» Activity:
Whenever a line in this data holds the word "units", report that line in full.

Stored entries
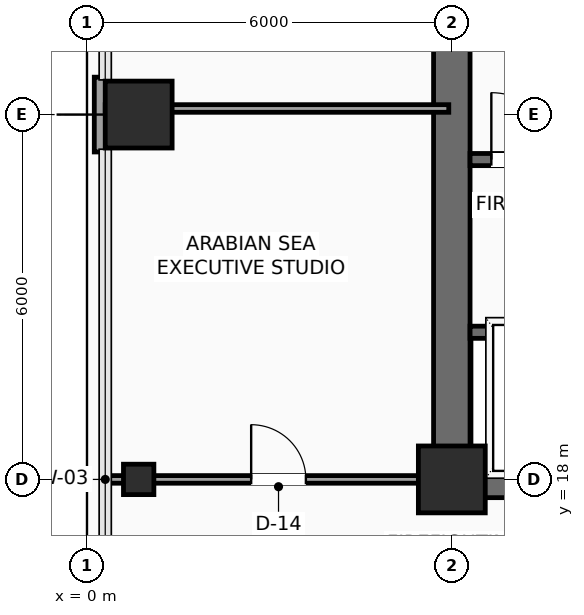
"""IFC4 building model, lengths in metres.
Left out: names, types, materials, properties, quantities, classifications, styles, units other than length and angle.
Written with IfcOpenShell. Run it as: python <this file> out.ifc"""

import sys

from ifc_helpers import new_model, si_unit, direction, frame, frame_2d, origin, origin_2d, place, context, subcontext, project, spatial, rectangle, hollow_rectangle, extrude, element, fill, save


model = new_model("IFC4")
c1 = context("Model", 3, precision=1e-05, world=origin(), true_north=direction((0.0, 1.0)))
c2 = subcontext(c1, "Body", "Model", "MODEL_VIEW")
j1 = project(units=[si_unit("LENGTHUNIT", "METRE"), si_unit("PLANEANGLEUNIT", "RADIAN")], contexts=[c1])
p1 = place(None, origin())
s1 = spatial("IfcSite", under=j1, at=p1, CompositionType="ELEMENT")
p2 = place(p1, origin())
s2 = spatial("IfcBuilding", under=s1, at=p2, CompositionType="ELEMENT")
p3 = place(p2, frame((0.0, 0.0, 153.15)))
s3 = spatial("IfcBuildingStorey", under=s2, at=p3, CompositionType="ELEMENT", Elevation=153.15)
p4 = place(p3, frame((6.0, 18.0, 0.0), z_axis=(0.0, 0.0, 1.0), x_axis=(1.0, 0.0, 0.0)))
e1 = element("IfcColumn", 1, at=p4, inside=s3, PredefinedType="COLUMN", context=c2, shape_type="SweptSolid", body=[
    extrude(rectangle(XDim=1.1, YDim=1.1, at=origin_2d()), origin(), (0.0, 0.0, 1.0), 3.75),
])
p5 = place(p3, frame((0.85, 18.0, 0.0), z_axis=(0.0, 0.0, 1.0), x_axis=(1.0, 0.0, 0.0)))
e2 = element("IfcColumn", 2, at=p5, inside=s3, PredefinedType="COLUMN", context=c2, shape_type="SweptSolid", body=[
    extrude(hollow_rectangle(XDim=0.5, YDim=0.5, WallThickness=0.025, InnerFilletRadius=0.025, OuterFilletRadius=0.04, at=origin_2d()), origin(), (0.0, 0.0, 1.0), 3.75),
])
p6 = place(p3, frame((0.85, 24.0, 0.0), z_axis=(0.0, 0.0, 1.0), x_axis=(1.0, 0.0, 0.0)))
e3 = element("IfcColumn", 3, at=p6, inside=s3, PredefinedType="COLUMN", context=c2, shape_type="SweptSolid", body=[
    extrude(rectangle(XDim=1.1, YDim=1.1, at=origin_2d()), origin(), (0.0, 0.0, 1.0), 3.75),
])
p7 = place(p3, frame((0.24, 23.385, 0.0), z_axis=(0.0, 0.0, 1.0), x_axis=(0.0, 1.0, 0.0)))
e4 = element("IfcWall", 4, at=p7, inside=s3, PredefinedType="SOLIDWALL", context=c2, shape_type="SweptSolid", body=[
    extrude(rectangle(XDim=1.23, YDim=0.24, at=frame_2d((0.615, 0.0))), origin(), (0.0, 0.0, 1.0), 3.525),
])
p8 = place(p3, frame((6.0, 18.0, 0.0), z_axis=(0.0, 0.0, 1.0), x_axis=(1.0, 0.0, 0.0)))
e5 = element("IfcWall", 5, at=p8, inside=s3, PredefinedType="SHEAR", context=c2, shape_type="SweptSolid", body=[
    extrude(rectangle(XDim=12.0, YDim=0.6, at=frame_2d((6.0, 0.0))), origin(), (0.0, 0.0, 1.0), 3.525),
])
p9 = place(p8, frame((7.15, 0.0, 0.0)))
e6 = element("IfcOpeningElement", 6, at=p9, cuts=e5, PredefinedType="OPENING", context=c2, shape_type="SweptSolid", body=[
    extrude(rectangle(XDim=1.6, YDim=2.3, at=frame_2d((0.8, 1.15))), frame((0.0, 0.31, 0.0), z_axis=(0.0, -1.0, 0.0), x_axis=(1.0, 0.0, 0.0)), (0.0, 0.0, 1.0), 0.62),
])
p10 = place(p3, frame((6.0, 18.0, 0.0), z_axis=(0.0, 0.0, 1.0), x_axis=(0.0, 1.0, 0.0)))
e7 = element("IfcWall", 7, at=p10, inside=s3, PredefinedType="SHEAR", context=c2, shape_type="SweptSolid", body=[
    extrude(rectangle(XDim=9.6, YDim=0.6, at=frame_2d((4.8, 0.0))), origin(), (0.0, 0.0, 1.0), 3.525),
])
p11 = place(p3, frame((6.3, 23.26, 0.0), z_axis=(0.0, 0.0, 1.0), x_axis=(1.0, 0.0, 0.0)))
e8 = element("IfcWall", 8, at=p11, inside=s3, PredefinedType="SHEAR", context=c2, shape_type="SweptSolid", body=[
    extrude(rectangle(XDim=8.88, YDim=0.2, at=frame_2d((4.44, 0.0))), origin(), (0.0, 0.0, 1.0), 3.525),
])
p12 = place(p11, frame((0.35, 0.0, 0.0)))
e9 = element("IfcOpeningElement", 9, at=p12, cuts=e8, PredefinedType="OPENING", context=c2, shape_type="SweptSolid", body=[
    extrude(rectangle(XDim=1.1, YDim=2.2, at=frame_2d((0.55, 1.1))), frame((0.0, 0.11, 0.0), z_axis=(0.0, -1.0, 0.0), x_axis=(1.0, 0.0, 0.0)), (0.0, 0.0, 1.0), 0.22),
])
p13 = place(p3, frame((6.3, 20.42, 0.0), z_axis=(0.0, 0.0, 1.0), x_axis=(1.0, 0.0, 0.0)))
e10 = element("IfcWall", 10, at=p13, inside=s3, PredefinedType="SHEAR", context=c2, shape_type="SweptSolid", body=[
    extrude(rectangle(XDim=4.95, YDim=0.2, at=frame_2d((2.475, 0.0))), origin(), (0.0, 0.0, 1.0), 3.525),
])
p14 = place(p13, frame((0.65, 0.0, 0.0)))
e11 = element("IfcOpeningElement", 11, at=p14, cuts=e10, PredefinedType="OPENING", context=c2, shape_type="SweptSolid", body=[
    extrude(rectangle(XDim=1.1, YDim=2.2, at=frame_2d((0.55, 1.1))), frame((0.0, 0.11, 0.0), z_axis=(0.0, -1.0, 0.0), x_axis=(1.0, 0.0, 0.0)), (0.0, 0.0, 1.0), 0.22),
])
p15 = place(p13, frame((3.05, 0.0, 0.0)))
e12 = element("IfcOpeningElement", 12, at=p15, cuts=e10, PredefinedType="OPENING", context=c2, shape_type="SweptSolid", body=[
    extrude(rectangle(XDim=1.1, YDim=2.2, at=frame_2d((0.55, 1.1))), frame((0.0, 0.11, 0.0), z_axis=(0.0, -1.0, 0.0), x_axis=(1.0, 0.0, 0.0)), (0.0, 0.0, 1.0), 0.22),
])
p16 = place(p3, frame((0.3, 18.0, 0.0), z_axis=(0.0, 0.0, 1.0), x_axis=(1.0, 0.0, 0.0)))
e13 = element("IfcWall", 13, at=p16, inside=s3, PredefinedType="PARTITIONING", context=c2, shape_type="SweptSolid", body=[
    extrude(rectangle(XDim=5.65, YDim=0.125, at=frame_2d((2.825, 0.0))), origin(), (0.0, 0.0, 1.0), 3.017),
])
p17 = place(p16, frame((2.4, 0.0, 0.0)))
e14 = element("IfcOpeningElement", 14, at=p17, cuts=e13, PredefinedType="OPENING", context=c2, shape_type="SweptSolid", body=[
    extrude(rectangle(XDim=0.9, YDim=2.1, at=frame_2d((0.45, 1.05))), frame((0.0, 0.073, 0.0), z_axis=(0.0, -1.0, 0.0), x_axis=(1.0, 0.0, 0.0)), (0.0, 0.0, 1.0), 0.145),
])
p18 = place(p3, frame((0.3, 24.1, 0.0), z_axis=(0.0, 0.0, 1.0), x_axis=(1.0, 0.0, 0.0)))
e15 = element("IfcWall", 15, at=p18, inside=s3, PredefinedType="PARTITIONING", context=c2, shape_type="SweptSolid", body=[
    extrude(rectangle(XDim=5.65, YDim=0.125, at=frame_2d((2.825, 0.0))), origin(), (0.0, 0.0, 1.0), 3.525),
])
p19 = place(p12, origin())
e16 = element("IfcDoor", 16, at=p19, inside=s3, OperationType="SINGLE_SWING_LEFT", PredefinedType="DOOR", context=c2, shape_type="SweptSolid", body=[
    extrude(rectangle(XDim=1.1, YDim=2.2, at=frame_2d((0.55, 1.1))), frame((0.0, 0.025, 0.0), z_axis=(0.0, -1.0, 0.0), x_axis=(1.0, 0.0, 0.0)), (0.0, 0.0, 1.0), 0.05),
])
fill(e9, e16)
p20 = place(p17, origin())
e17 = element("IfcDoor", 17, at=p20, inside=s3, OperationType="SINGLE_SWING_LEFT", PredefinedType="DOOR", context=c2, shape_type="SweptSolid", body=[
    extrude(rectangle(XDim=0.9, YDim=2.1, at=frame_2d((0.45, 1.05))), frame((0.0, 0.025, 0.0), z_axis=(0.0, -1.0, 0.0), x_axis=(1.0, 0.0, 0.0)), (0.0, 0.0, 1.0), 0.05),
])
fill(e14, e17)
save(model, sys.argv[1])

» Written response:
Left out: names, types, materials, properties, quantities, classifications, styles, units other than length and angle.
j1 = project(units=[si_unit("LENGTHUNIT", "METRE"), si_unit("PLANEANGLEUNIT", "RADIAN")], contexts=[c1])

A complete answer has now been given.